What needs to be done:
Check each line of the records below and collect those holding "ezdxf".

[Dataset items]
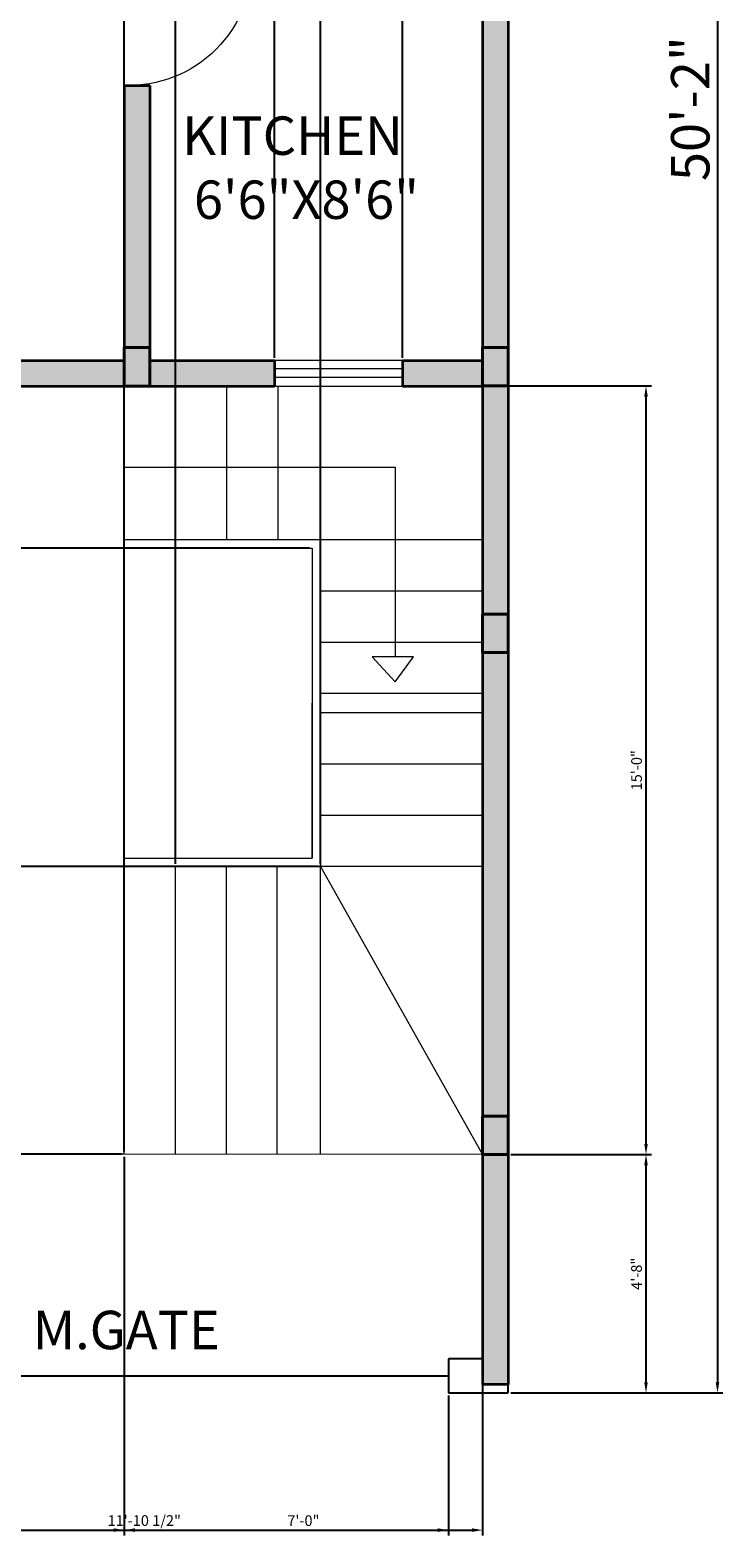
# Model space of a CAD drawing. Units: inches. Extents: x 5276 to 5736, y 3292 to 3966.
# Tile 2 of 3: x 5574 to 5736, y 3292 to 3646. Entities that reach past the tile are written whole.
import ezdxf

# ---------------------------------------------------------------- set-up
doc = ezdxf.new("R2010")
doc.units = ezdxf.units.IN
for name, color, linetype, lineweight in [('A-ANNO-DIMS', 2, 'Continuous', 18), ('A-ANNO-TEXT', 7, 'Continuous', 18), ('A-AREA-IDEN', 7, 'Continuous', 18), ('A-COLS', 7, 'Continuous', 40), ('A-DOOR', 3, 'Continuous', 18), ('A-FLOR-STRS', 9, 'Continuous', 18), ('A-GLAZ', 4, 'Continuous', 18), ('A-ROOF', 9, 'Continuous', 18), ('A-SITE-GATE', 7, 'Continuous', 25), ('A-WALL', 7, 'Continuous', 35)]:
    doc.layers.add(name, color=color, linetype=linetype, lineweight=lineweight)
doc.layers.add('A-COLS-PATT', color=244, linetype='Continuous', lineweight=13, true_color=0x991b1e)
doc.layers.add('A-WALL-PATT', color=141, linetype='Continuous', lineweight=13, true_color=0xadddf7)
doc.styles.get("Standard").update_dxf_attribs({"font": 'arial.ttf'})
doc.dimstyles.new('ISO-25', dxfattribs={"dimtxt": 2.5, "dimasz": 2.5, "dimexe": 1.25, "dimexo": 0.625, "dimtad": 1, "dimlunit": 3, "dimtxsty": 'Standard', "dimcen": 2.5, "dimadec": 0, "dimazin": 0, "dimtfac": 1, "dimtmove": 0, "dimatfit": 3, "dimfxl": 1, "dimarcsym": 0})

# ---------------------------------------------------------------- blocks, each defined once
blk = doc.blocks.new('*D17')
at = {"layer": 'A-ANNO-DIMS', "color": 0, "lineweight": -2, "transparency": 16777216}
for p, q in [((5686.75, 3928.25), (5736.45, 3928.25)), ((5735.2, 3925.75), (5735.2, 3328.75)), ((5686.75, 3326.25), (5736.45, 3326.25))]:
    blk.add_line(p, q, dxfattribs=at)
at = {"layer": 'A-ANNO-DIMS', "color": 0, "transparency": 16777216}
for points in [[(5734.78, 3925.75), (5735.62, 3925.75), (5735.2, 3928.25)], [(5734.78, 3328.75), (5735.62, 3328.75), (5735.2, 3326.25)]]:
    blk.add_solid(points, dxfattribs=at)
at = {"layer": 'Defpoints', "color": 0, "transparency": 16777216}
for p in [(5686.13, 3928.25), (5686.13, 3326.25), (5735.2, 3326.25)]:
    blk.add_point(p, dxfattribs=at)
at = {"layer": 'A-ANNO-DIMS', "color": 0, "transparency": 16777216, "insert": (5729.98, 3627.25), "char_height": 9, "attachment_point": 5, "rotation": 90}
blk.add_mtext('50\'-2"', dxfattribs=at)
blk = doc.blocks.new('PIER-6X9')
for p, q in [((0, 9), (6, 9)), ((0, 0), (0, 9)), ((6, 9), (6, 0)), ((6, 0), (0, 0))]:
    blk.add_line(p, q)
blk = doc.blocks.new('DOOR-SWING-30')
for p, q in [((0, 30), (-2, 30)), ((-2, 30), (-2, 0)), ((0, 0), (0, 30)), ((-2, 0), (0, 0))]:
    blk.add_line(p, q)
blk.add_arc((-1, 1), 29.02, 88.0251, 181.9749)
blk = doc.blocks.new('*D32')
at = {"layer": 'A-ANNO-DIMS', "color": 0, "lineweight": -2, "transparency": 16777216}
for p, q in [((5529.5, 3325.62), (5529.5, 3292.85)), ((5672.13, 3325.62), (5672.13, 3292.85)), ((5532, 3294.1), (5669.63, 3294.1))]:
    blk.add_line(p, q, dxfattribs=at)
at = {"layer": 'A-ANNO-DIMS', "color": 0, "transparency": 16777216}
for points in [[(5532, 3294.52), (5532, 3293.68), (5529.5, 3294.1)], [(5669.63, 3294.52), (5669.63, 3293.68), (5672.13, 3294.1)]]:
    blk.add_solid(points, dxfattribs=at)
at = {"layer": 'Defpoints', "color": 0, "transparency": 16777216}
for p in [(5529.5, 3326.25), (5672.13, 3326.25), (5672.13, 3294.1)]:
    blk.add_point(p, dxfattribs=at)
at = {"layer": 'A-ANNO-DIMS', "color": 0, "transparency": 16777216, "insert": (5600.82, 3296.02), "char_height": 2.5, "attachment_point": 5}
blk.add_mtext('11\'-10 1/2"', dxfattribs=at)
blk = doc.blocks.new('*D34')
at = {"layer": 'A-ANNO-DIMS', "color": 0, "lineweight": -2, "transparency": 16777216}
for p, q in [((5686.77, 3382.13), (5719.69, 3382.13)), ((5718.44, 3328.75), (5718.44, 3379.63)), ((5686.75, 3326.25), (5719.69, 3326.25))]:
    blk.add_line(p, q, dxfattribs=at)
at = {"layer": 'A-ANNO-DIMS', "color": 0, "transparency": 16777216}
for points in [[(5718.02, 3379.63), (5718.86, 3379.63), (5718.44, 3382.13)], [(5718.02, 3328.75), (5718.86, 3328.75), (5718.44, 3326.25)]]:
    blk.add_solid(points, dxfattribs=at)
at = {"layer": 'Defpoints', "color": 0, "transparency": 16777216}
for p in [(5686.14, 3382.13), (5718.44, 3382.13), (5686.13, 3326.25)]:
    blk.add_point(p, dxfattribs=at)
at = {"layer": 'A-ANNO-DIMS', "color": 0, "transparency": 16777216, "insert": (5716.54, 3354.19), "char_height": 2.5, "attachment_point": 5, "rotation": 90}
blk.add_mtext('4\'-8"', dxfattribs=at)
blk = doc.blocks.new('*D35')
at = {"layer": 'A-ANNO-DIMS', "color": 0, "lineweight": -2, "transparency": 16777216}
for p, q in [((5680.75, 3562.25), (5719.69, 3562.25)), ((5718.44, 3384.63), (5718.44, 3559.75)), ((5686.77, 3382.13), (5719.69, 3382.13))]:
    blk.add_line(p, q, dxfattribs=at)
at = {"layer": 'A-ANNO-DIMS', "color": 0, "transparency": 16777216}
for points in [[(5718.02, 3559.75), (5718.86, 3559.75), (5718.44, 3562.25)], [(5718.02, 3384.63), (5718.86, 3384.63), (5718.44, 3382.13)]]:
    blk.add_solid(points, dxfattribs=at)
at = {"layer": 'Defpoints', "color": 0, "transparency": 16777216}
for p in [(5680.13, 3562.25), (5718.44, 3562.25), (5686.14, 3382.13)]:
    blk.add_point(p, dxfattribs=at)
at = {"layer": 'A-ANNO-DIMS', "color": 0, "transparency": 16777216, "insert": (5716.54, 3472.19), "char_height": 2.5, "attachment_point": 5, "rotation": 90}
blk.add_mtext('15\'-0"', dxfattribs=at)
blk = doc.blocks.new('*D41')
at = {"layer": 'A-ANNO-DIMS', "color": 0, "lineweight": -2, "transparency": 16777216}
for p, q in [((5476.13, 3382.87), (5476.13, 3961.65)), ((5596.12, 3382.87), (5596.12, 3961.65)), ((5478.63, 3960.4), (5593.62, 3960.4))]:
    blk.add_line(p, q, dxfattribs=at)
at = {"layer": 'A-ANNO-DIMS', "color": 0, "transparency": 16777216}
for points in [[(5478.63, 3960.82), (5478.63, 3959.98), (5476.13, 3960.4)], [(5593.62, 3960.82), (5593.62, 3959.98), (5596.12, 3960.4)]]:
    blk.add_solid(points, dxfattribs=at)
at = {"layer": 'Defpoints', "color": 0, "transparency": 16777216}
for p in [(5596.12, 3960.4), (5476.13, 3382.25), (5596.12, 3382.25)]:
    blk.add_point(p, dxfattribs=at)
at = {"layer": 'A-ANNO-DIMS', "color": 0, "transparency": 16777216, "insert": (5536.12, 3962.3), "char_height": 2.5, "attachment_point": 5}
blk.add_mtext('10\'-0"', dxfattribs=at)
blk = doc.blocks.new('*D42')
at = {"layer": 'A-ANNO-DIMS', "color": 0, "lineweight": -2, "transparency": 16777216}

Exercise response:
import ezdxf
doc = ezdxf.new("R2010")
doc.units = ezdxf.units.IN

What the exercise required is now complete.